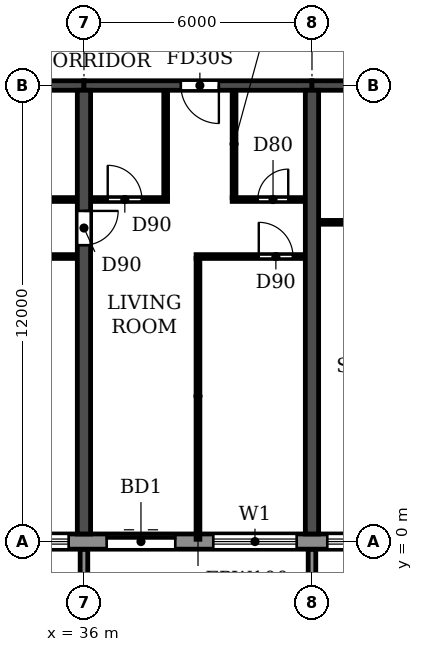
"""IFC4 building model, lengths in metres.
Left out: names, types, materials, properties, quantities, classifications, styles, units other than length and angle.
Written with IfcOpenShell. Run it as: python <this file> out.ifc"""

import sys

from ifc_helpers import new_model, si_unit, direction, frame, frame_2d, origin, place, context, subcontext, project, spatial, polyline, rectangle, outline, extrude, source, transform, mapped, element, fill, save


model = new_model("IFC4")
c1 = context("Model", 3, precision=1e-05, world=origin(), true_north=direction((0.0, 1.0)))
c2 = subcontext(c1, "Body", "Model", "MODEL_VIEW")
j1 = project(units=[si_unit("LENGTHUNIT", "METRE"), si_unit("PLANEANGLEUNIT", "RADIAN")], contexts=[c1])
p1 = place(None, origin())
s1 = spatial("IfcSite", under=j1, at=p1, CompositionType="ELEMENT")
p2 = place(p1, origin())
s2 = spatial("IfcBuilding", under=s1, at=p2, CompositionType="ELEMENT")
p3 = place(p2, frame((0.0, 0.0, 82.8)))
s3 = spatial("IfcBuildingStorey", under=s2, at=p3, CompositionType="ELEMENT", Elevation=82.8)
p4 = place(p3, frame((36.0, 0.2, 0.0), z_axis=(0.0, 0.0, 1.0), x_axis=(0.0, 1.0, 0.0)))
e1 = element("IfcWall", 1, at=p4, inside=s3, PredefinedType="SHEAR", context=c2, shape_type="SweptSolid", body=[
    extrude(rectangle(XDim=11.675, YDim=0.35, at=frame_2d((5.837, 0.0))), origin(), (0.0, 0.0, 1.0), 3.06),
])
p5 = place(p4, frame((7.6, 0.0, 0.0)))
e2 = element("IfcOpeningElement", 2, at=p5, cuts=e1, PredefinedType="OPENING", context=c2, shape_type="SweptSolid", body=[
    extrude(rectangle(XDim=0.9, YDim=2.1, at=frame_2d((0.45, 1.05))), frame((0.0, 0.185, 0.0), z_axis=(0.0, -1.0, 0.0), x_axis=(1.0, 0.0, 0.0)), (0.0, 0.0, 1.0), 0.37),
])
p6 = place(p3, frame((42.0, 0.2, 0.0), z_axis=(0.0, 0.0, 1.0), x_axis=(0.0, 1.0, 0.0)))
e3 = element("IfcWall", 3, at=p6, inside=s3, PredefinedType="SHEAR", context=c2, shape_type="SweptSolid", body=[
    extrude(rectangle(XDim=11.675, YDim=0.35, at=frame_2d((5.837, 0.0))), origin(), (0.0, 0.0, 1.0), 3.06),
])
p7 = place(p3, frame((30.0, 12.0, 0.0), z_axis=(0.0, 0.0, 1.0), x_axis=(1.0, 0.0, 0.0)))
e4 = element("IfcWall", 4, at=p7, inside=s3, PredefinedType="SHEAR", context=c2, shape_type="SweptSolid", body=[
    extrude(rectangle(XDim=6.0, YDim=0.25, at=frame_2d((3.0, 0.0))), origin(), (0.0, 0.0, 1.0), 2.46),
])
p8 = place(p3, frame((36.0, 12.0, 0.0), z_axis=(0.0, 0.0, 1.0), x_axis=(1.0, 0.0, 0.0)))
e5 = element("IfcWall", 5, at=p8, inside=s3, PredefinedType="SHEAR", context=c2, shape_type="SweptSolid", body=[
    extrude(rectangle(XDim=6.0, YDim=0.25, at=frame_2d((3.0, 0.0))), origin(), (0.0, 0.0, 1.0), 2.46),
])
p9 = place(p8, frame((2.55, 0.0, 0.0)))
e6 = element("IfcOpeningElement", 6, at=p9, cuts=e5, PredefinedType="OPENING", context=c2, shape_type="SweptSolid", body=[
    extrude(rectangle(XDim=1.0, YDim=2.1, at=frame_2d((0.5, 1.05))), frame((0.0, 0.135, 0.0), z_axis=(0.0, -1.0, 0.0), x_axis=(1.0, 0.0, 0.0)), (0.0, 0.0, 1.0), 0.27),
])
p10 = place(p3, frame((42.0, 12.0, 0.0), z_axis=(0.0, 0.0, 1.0), x_axis=(1.0, 0.0, 0.0)))
e7 = element("IfcWall", 7, at=p10, inside=s3, PredefinedType="SHEAR", context=c2, shape_type="SweptSolid", body=[
    extrude(rectangle(XDim=6.0, YDim=0.25, at=frame_2d((3.0, 0.0))), origin(), (0.0, 0.0, 1.0), 2.46),
])
p11 = place(p10, frame((2.45, 0.0, 0.0)))
e8 = element("IfcOpeningElement", 8, at=p11, cuts=e7, PredefinedType="OPENING", context=c2, shape_type="SweptSolid", body=[
    extrude(rectangle(XDim=1.0, YDim=2.1, at=frame_2d((0.5, 1.05))), frame((0.0, 0.135, 0.0), z_axis=(0.0, -1.0, 0.0), x_axis=(1.0, 0.0, 0.0)), (0.0, 0.0, 1.0), 0.27),
])
p12 = place(p3, frame((10.683, 0.0, 0.0), z_axis=(0.0, 0.0, 1.0), x_axis=(1.0, 0.0, 0.0)))
e9 = element("IfcWall", 9, at=p12, inside=s3, PredefinedType="STANDARD", context=c2, shape_type="SweptSolid", body=[
    extrude(rectangle(XDim=80.634, YDim=0.4, at=frame_2d((40.317, 0.0))), origin(), (0.0, 0.0, 1.0), 3.06),
])
p13 = place(p12, frame((1.717, 0.0, 0.9)))
e10 = element("IfcOpeningElement", 10, at=p13, cuts=e9, PredefinedType="OPENING", context=c2, shape_type="SweptSolid", body=[
    extrude(rectangle(XDim=2.2, YDim=1.5, at=frame_2d((1.1, 0.75))), frame((0.0, 0.21, 0.0), z_axis=(0.0, -1.0, 0.0), x_axis=(1.0, 0.0, 0.0)), (0.0, 0.0, 1.0), 0.42),
])
p14 = place(p12, frame((4.917, 0.0, 0.0)))
e11 = element("IfcOpeningElement", 11, at=p14, cuts=e9, PredefinedType="OPENING", context=c2, shape_type="SweptSolid", body=[
    extrude(rectangle(XDim=1.8, YDim=2.4, at=frame_2d((0.9, 1.2))), frame((0.0, 0.21, 0.0), z_axis=(0.0, -1.0, 0.0), x_axis=(1.0, 0.0, 0.0)), (0.0, 0.0, 1.0), 0.42),
])
p15 = place(p12, frame((7.717, 0.0, 0.9)))
e12 = element("IfcOpeningElement", 12, at=p15, cuts=e9, PredefinedType="OPENING", context=c2, shape_type="SweptSolid", body=[
    extrude(rectangle(XDim=2.2, YDim=1.5, at=frame_2d((1.1, 0.75))), frame((0.0, 0.21, 0.0), z_axis=(0.0, -1.0, 0.0), x_axis=(1.0, 0.0, 0.0)), (0.0, 0.0, 1.0), 0.42),
])
p16 = place(p12, frame((10.717, 0.0, 0.9)))
e13 = element("IfcOpeningElement", 13, at=p16, cuts=e9, PredefinedType="OPENING", context=c2, shape_type="SweptSolid", body=[
    extrude(rectangle(XDim=2.2, YDim=1.5, at=frame_2d((1.1, 0.75))), frame((0.0, 0.21, 0.0), z_axis=(0.0, -1.0, 0.0), x_axis=(1.0, 0.0, 0.0)), (0.0, 0.0, 1.0), 0.42),
])
p17 = place(p12, frame((13.917, 0.0, 0.0)))
e14 = element("IfcOpeningElement", 14, at=p17, cuts=e9, PredefinedType="OPENING", context=c2, shape_type="SweptSolid", body=[
    extrude(rectangle(XDim=1.8, YDim=2.4, at=frame_2d((0.9, 1.2))), frame((0.0, 0.21, 0.0), z_axis=(0.0, -1.0, 0.0), x_axis=(1.0, 0.0, 0.0)), (0.0, 0.0, 1.0), 0.42),
])
p18 = place(p12, frame((16.717, 0.0, 0.9)))
e15 = element("IfcOpeningElement", 15, at=p18, cuts=e9, PredefinedType="OPENING", context=c2, shape_type="SweptSolid", body=[
    extrude(rectangle(XDim=2.2, YDim=1.5, at=frame_2d((1.1, 0.75))), frame((0.0, 0.21, 0.0), z_axis=(0.0, -1.0, 0.0), x_axis=(1.0, 0.0, 0.0)), (0.0, 0.0, 1.0), 0.42),
])
p19 = place(p12, frame((19.717, 0.0, 0.9)))
e16 = element("IfcOpeningElement", 16, at=p19, cuts=e9, PredefinedType="OPENING", context=c2, shape_type="SweptSolid", body=[
    extrude(rectangle(XDim=2.2, YDim=1.5, at=frame_2d((1.1, 0.75))), frame((0.0, 0.21, 0.0), z_axis=(0.0, -1.0, 0.0), x_axis=(1.0, 0.0, 0.0)), (0.0, 0.0, 1.0), 0.42),
])
p20 = place(p12, frame((22.717, 0.0, 0.9)))
e17 = element("IfcOpeningElement", 17, at=p20, cuts=e9, PredefinedType="OPENING", context=c2, shape_type="SweptSolid", body=[
    extrude(rectangle(XDim=2.2, YDim=1.5, at=frame_2d((1.1, 0.75))), frame((0.0, 0.21, 0.0), z_axis=(0.0, -1.0, 0.0), x_axis=(1.0, 0.0, 0.0)), (0.0, 0.0, 1.0), 0.42),
])
p21 = place(p12, frame((25.917, 0.0, 0.0)))
e18 = element("IfcOpeningElement", 18, at=p21, cuts=e9, PredefinedType="OPENING", context=c2, shape_type="SweptSolid", body=[
    extrude(rectangle(XDim=1.8, YDim=2.4, at=frame_2d((0.9, 1.2))), frame((0.0, 0.21, 0.0), z_axis=(0.0, -1.0, 0.0), x_axis=(1.0, 0.0, 0.0)), (0.0, 0.0, 1.0), 0.42),
])
p22 = place(p12, frame((28.717, 0.0, 0.9)))
e19 = element("IfcOpeningElement", 19, at=p22, cuts=e9, PredefinedType="OPENING", context=c2, shape_type="SweptSolid", body=[
    extrude(rectangle(XDim=2.2, YDim=1.5, at=frame_2d((1.1, 0.75))), frame((0.0, 0.21, 0.0), z_axis=(0.0, -1.0, 0.0), x_axis=(1.0, 0.0, 0.0)), (0.0, 0.0, 1.0), 0.42),
])
p23 = place(p12, frame((31.717, 0.0, 0.9)))
e20 = element("IfcOpeningElement", 20, at=p23, cuts=e9, PredefinedType="OPENING", context=c2, shape_type="SweptSolid", body=[
    extrude(rectangle(XDim=2.2, YDim=1.5, at=frame_2d((1.1, 0.75))), frame((0.0, 0.21, 0.0), z_axis=(0.0, -1.0, 0.0), x_axis=(1.0, 0.0, 0.0)), (0.0, 0.0, 1.0), 0.42),
])
p24 = place(p12, frame((34.717, 0.0, 0.9)))
e21 = element("IfcOpeningElement", 21, at=p24, cuts=e9, PredefinedType="OPENING", context=c2, shape_type="SweptSolid", body=[
    extrude(rectangle(XDim=2.2, YDim=1.5, at=frame_2d((1.1, 0.75))), frame((0.0, 0.21, 0.0), z_axis=(0.0, -1.0, 0.0), x_axis=(1.0, 0.0, 0.0)), (0.0, 0.0, 1.0), 0.42),
])
p25 = place(p12, frame((37.717, 0.0, 0.9)))
e22 = element("IfcOpeningElement", 22, at=p25, cuts=e9, PredefinedType="OPENING", context=c2, shape_type="SweptSolid", body=[
    extrude(rectangle(XDim=2.2, YDim=1.5, at=frame_2d((1.1, 0.75))), frame((0.0, 0.21, 0.0), z_axis=(0.0, -1.0, 0.0), x_axis=(1.0, 0.0, 0.0)), (0.0, 0.0, 1.0), 0.42),
])
p26 = place(p12, frame((40.917, 0.0, 0.0)))
e23 = element("IfcOpeningElement", 23, at=p26, cuts=e9, PredefinedType="OPENING", context=c2, shape_type="SweptSolid", body=[
    extrude(rectangle(XDim=1.8, YDim=2.4, at=frame_2d((0.9, 1.2))), frame((0.0, 0.21, 0.0), z_axis=(0.0, -1.0, 0.0), x_axis=(1.0, 0.0, 0.0)), (0.0, 0.0, 1.0), 0.42),
])
p27 = place(p12, frame((43.717, 0.0, 0.9)))
e24 = element("IfcOpeningElement", 24, at=p27, cuts=e9, PredefinedType="OPENING", context=c2, shape_type="SweptSolid", body=[
    extrude(rectangle(XDim=2.2, YDim=1.5, at=frame_2d((1.1, 0.75))), frame((0.0, 0.21, 0.0), z_axis=(0.0, -1.0, 0.0), x_axis=(1.0, 0.0, 0.0)), (0.0, 0.0, 1.0), 0.42),
])
p28 = place(p12, frame((46.717, 0.0, 0.9)))
e25 = element("IfcOpeningElement", 25, at=p28, cuts=e9, PredefinedType="OPENING", context=c2, shape_type="SweptSolid", body=[
    extrude(rectangle(XDim=2.2, YDim=1.5, at=frame_2d((1.1, 0.75))), frame((0.0, 0.21, 0.0), z_axis=(0.0, -1.0, 0.0), x_axis=(1.0, 0.0, 0.0)), (0.0, 0.0, 1.0), 0.42),
])
p29 = place(p12, frame((49.717, 0.0, 0.9)))
e26 = element("IfcOpeningElement", 26, at=p29, cuts=e9, PredefinedType="OPENING", context=c2, shape_type="SweptSolid", body=[
    extrude(rectangle(XDim=2.2, YDim=1.5, at=frame_2d((1.1, 0.75))), frame((0.0, 0.21, 0.0), z_axis=(0.0, -1.0, 0.0), x_axis=(1.0, 0.0, 0.0)), (0.0, 0.0, 1.0), 0.42),
])
p30 = place(p12, frame((52.917, 0.0, 0.0)))
e27 = element("IfcOpeningElement", 27, at=p30, cuts=e9, PredefinedType="OPENING", context=c2, shape_type="SweptSolid", body=[
    extrude(rectangle(XDim=1.8, YDim=2.4, at=frame_2d((0.9, 1.2))), frame((0.0, 0.21, 0.0), z_axis=(0.0, -1.0, 0.0), x_axis=(1.0, 0.0, 0.0)), (0.0, 0.0, 1.0), 0.42),
])
p31 = place(p12, frame((55.717, 0.0, 0.9)))
e28 = element("IfcOpeningElement", 28, at=p31, cuts=e9, PredefinedType="OPENING", context=c2, shape_type="SweptSolid", body=[
    extrude(rectangle(XDim=2.2, YDim=1.5, at=frame_2d((1.1, 0.75))), frame((0.0, 0.21, 0.0), z_axis=(0.0, -1.0, 0.0), x_axis=(1.0, 0.0, 0.0)), (0.0, 0.0, 1.0), 0.42),
])
p32 = place(p12, frame((58.717, 0.0, 0.9)))
e29 = element("IfcOpeningElement", 29, at=p32, cuts=e9, PredefinedType="OPENING", context=c2, shape_type="SweptSolid", body=[
    extrude(rectangle(XDim=2.2, YDim=1.5, at=frame_2d((1.1, 0.75))), frame((0.0, 0.21, 0.0), z_axis=(0.0, -1.0, 0.0), x_axis=(1.0, 0.0, 0.0)), (0.0, 0.0, 1.0), 0.42),
])
p33 = place(p12, frame((61.717, 0.0, 0.9)))
e30 = element("IfcOpeningElement", 30, at=p33, cuts=e9, PredefinedType="OPENING", context=c2, shape_type="SweptSolid", body=[
    extrude(rectangle(XDim=2.2, YDim=1.5, at=frame_2d((1.1, 0.75))), frame((0.0, 0.21, 0.0), z_axis=(0.0, -1.0, 0.0), x_axis=(1.0, 0.0, 0.0)), (0.0, 0.0, 1.0), 0.42),
])
p34 = place(p12, frame((64.917, 0.0, 0.0)))
e31 = element("IfcOpeningElement", 31, at=p34, cuts=e9, PredefinedType="OPENING", context=c2, shape_type="SweptSolid", body=[
    extrude(rectangle(XDim=1.8, YDim=2.4, at=frame_2d((0.9, 1.2))), frame((0.0, 0.21, 0.0), z_axis=(0.0, -1.0, 0.0), x_axis=(1.0, 0.0, 0.0)), (0.0, 0.0, 1.0), 0.42),
])
p35 = place(p12, frame((67.717, 0.0, 0.9)))
e32 = element("IfcOpeningElement", 32, at=p35, cuts=e9, PredefinedType="OPENING", context=c2, shape_type="SweptSolid", body=[
    extrude(rectangle(XDim=2.2, YDim=1.5, at=frame_2d((1.1, 0.75))), frame((0.0, 0.21, 0.0), z_axis=(0.0, -1.0, 0.0), x_axis=(1.0, 0.0, 0.0)), (0.0, 0.0, 1.0), 0.42),
])
p36 = place(p12, frame((70.717, 0.0, 0.9)))
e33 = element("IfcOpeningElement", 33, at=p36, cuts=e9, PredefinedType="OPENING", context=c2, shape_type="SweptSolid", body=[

### [Action item]
Everything from the line with "p18 = place(p12, frame((16.717, 0.0, 0.9)))" through the line with "p24 = place(p12, frame((34.717, 0.0, 0.9)))" in the listing above must be retyped exactly, with nothing added.

### [Answer to this exercise]
p18 = place(p12, frame((16.717, 0.0, 0.9)))
e15 = element("IfcOpeningElement", 15, at=p18, cuts=e9, PredefinedType="OPENING", context=c2, shape_type="SweptSolid", body=[
    extrude(rectangle(XDim=2.2, YDim=1.5, at=frame_2d((1.1, 0.75))), frame((0.0, 0.21, 0.0), z_axis=(0.0, -1.0, 0.0), x_axis=(1.0, 0.0, 0.0)), (0.0, 0.0, 1.0), 0.42),
])
p19 = place(p12, frame((19.717, 0.0, 0.9)))
e16 = element("IfcOpeningElement", 16, at=p19, cuts=e9, PredefinedType="OPENING", context=c2, shape_type="SweptSolid", body=[
    extrude(rectangle(XDim=2.2, YDim=1.5, at=frame_2d((1.1, 0.75))), frame((0.0, 0.21, 0.0), z_axis=(0.0, -1.0, 0.0), x_axis=(1.0, 0.0, 0.0)), (0.0, 0.0, 1.0), 0.42),
])
p20 = place(p12, frame((22.717, 0.0, 0.9)))
e17 = element("IfcOpeningElement", 17, at=p20, cuts=e9, PredefinedType="OPENING", context=c2, shape_type="SweptSolid", body=[
    extrude(rectangle(XDim=2.2, YDim=1.5, at=frame_2d((1.1, 0.75))), frame((0.0, 0.21, 0.0), z_axis=(0.0, -1.0, 0.0), x_axis=(1.0, 0.0, 0.0)), (0.0, 0.0, 1.0), 0.42),
])
p21 = place(p12, frame((25.917, 0.0, 0.0)))
e18 = element("IfcOpeningElement", 18, at=p21, cuts=e9, PredefinedType="OPENING", context=c2, shape_type="SweptSolid", body=[
    extrude(rectangle(XDim=1.8, YDim=2.4, at=frame_2d((0.9, 1.2))), frame((0.0, 0.21, 0.0), z_axis=(0.0, -1.0, 0.0), x_axis=(1.0, 0.0, 0.0)), (0.0, 0.0, 1.0), 0.42),
])
p22 = place(p12, frame((28.717, 0.0, 0.9)))
e19 = element("IfcOpeningElement", 19, at=p22, cuts=e9, PredefinedType="OPENING", context=c2, shape_type="SweptSolid", body=[
    extrude(rectangle(XDim=2.2, YDim=1.5, at=frame_2d((1.1, 0.75))), frame((0.0, 0.21, 0.0), z_axis=(0.0, -1.0, 0.0), x_axis=(1.0, 0.0, 0.0)), (0.0, 0.0, 1.0), 0.42),
])
p23 = place(p12, frame((31.717, 0.0, 0.9)))
e20 = element("IfcOpeningElement", 20, at=p23, cuts=e9, PredefinedType="OPENING", context=c2, shape_type="SweptSolid", body=[
    extrude(rectangle(XDim=2.2, YDim=1.5, at=frame_2d((1.1, 0.75))), frame((0.0, 0.21, 0.0), z_axis=(0.0, -1.0, 0.0), x_axis=(1.0, 0.0, 0.0)), (0.0, 0.0, 1.0), 0.42),
])
p24 = place(p12, frame((34.717, 0.0, 0.9)))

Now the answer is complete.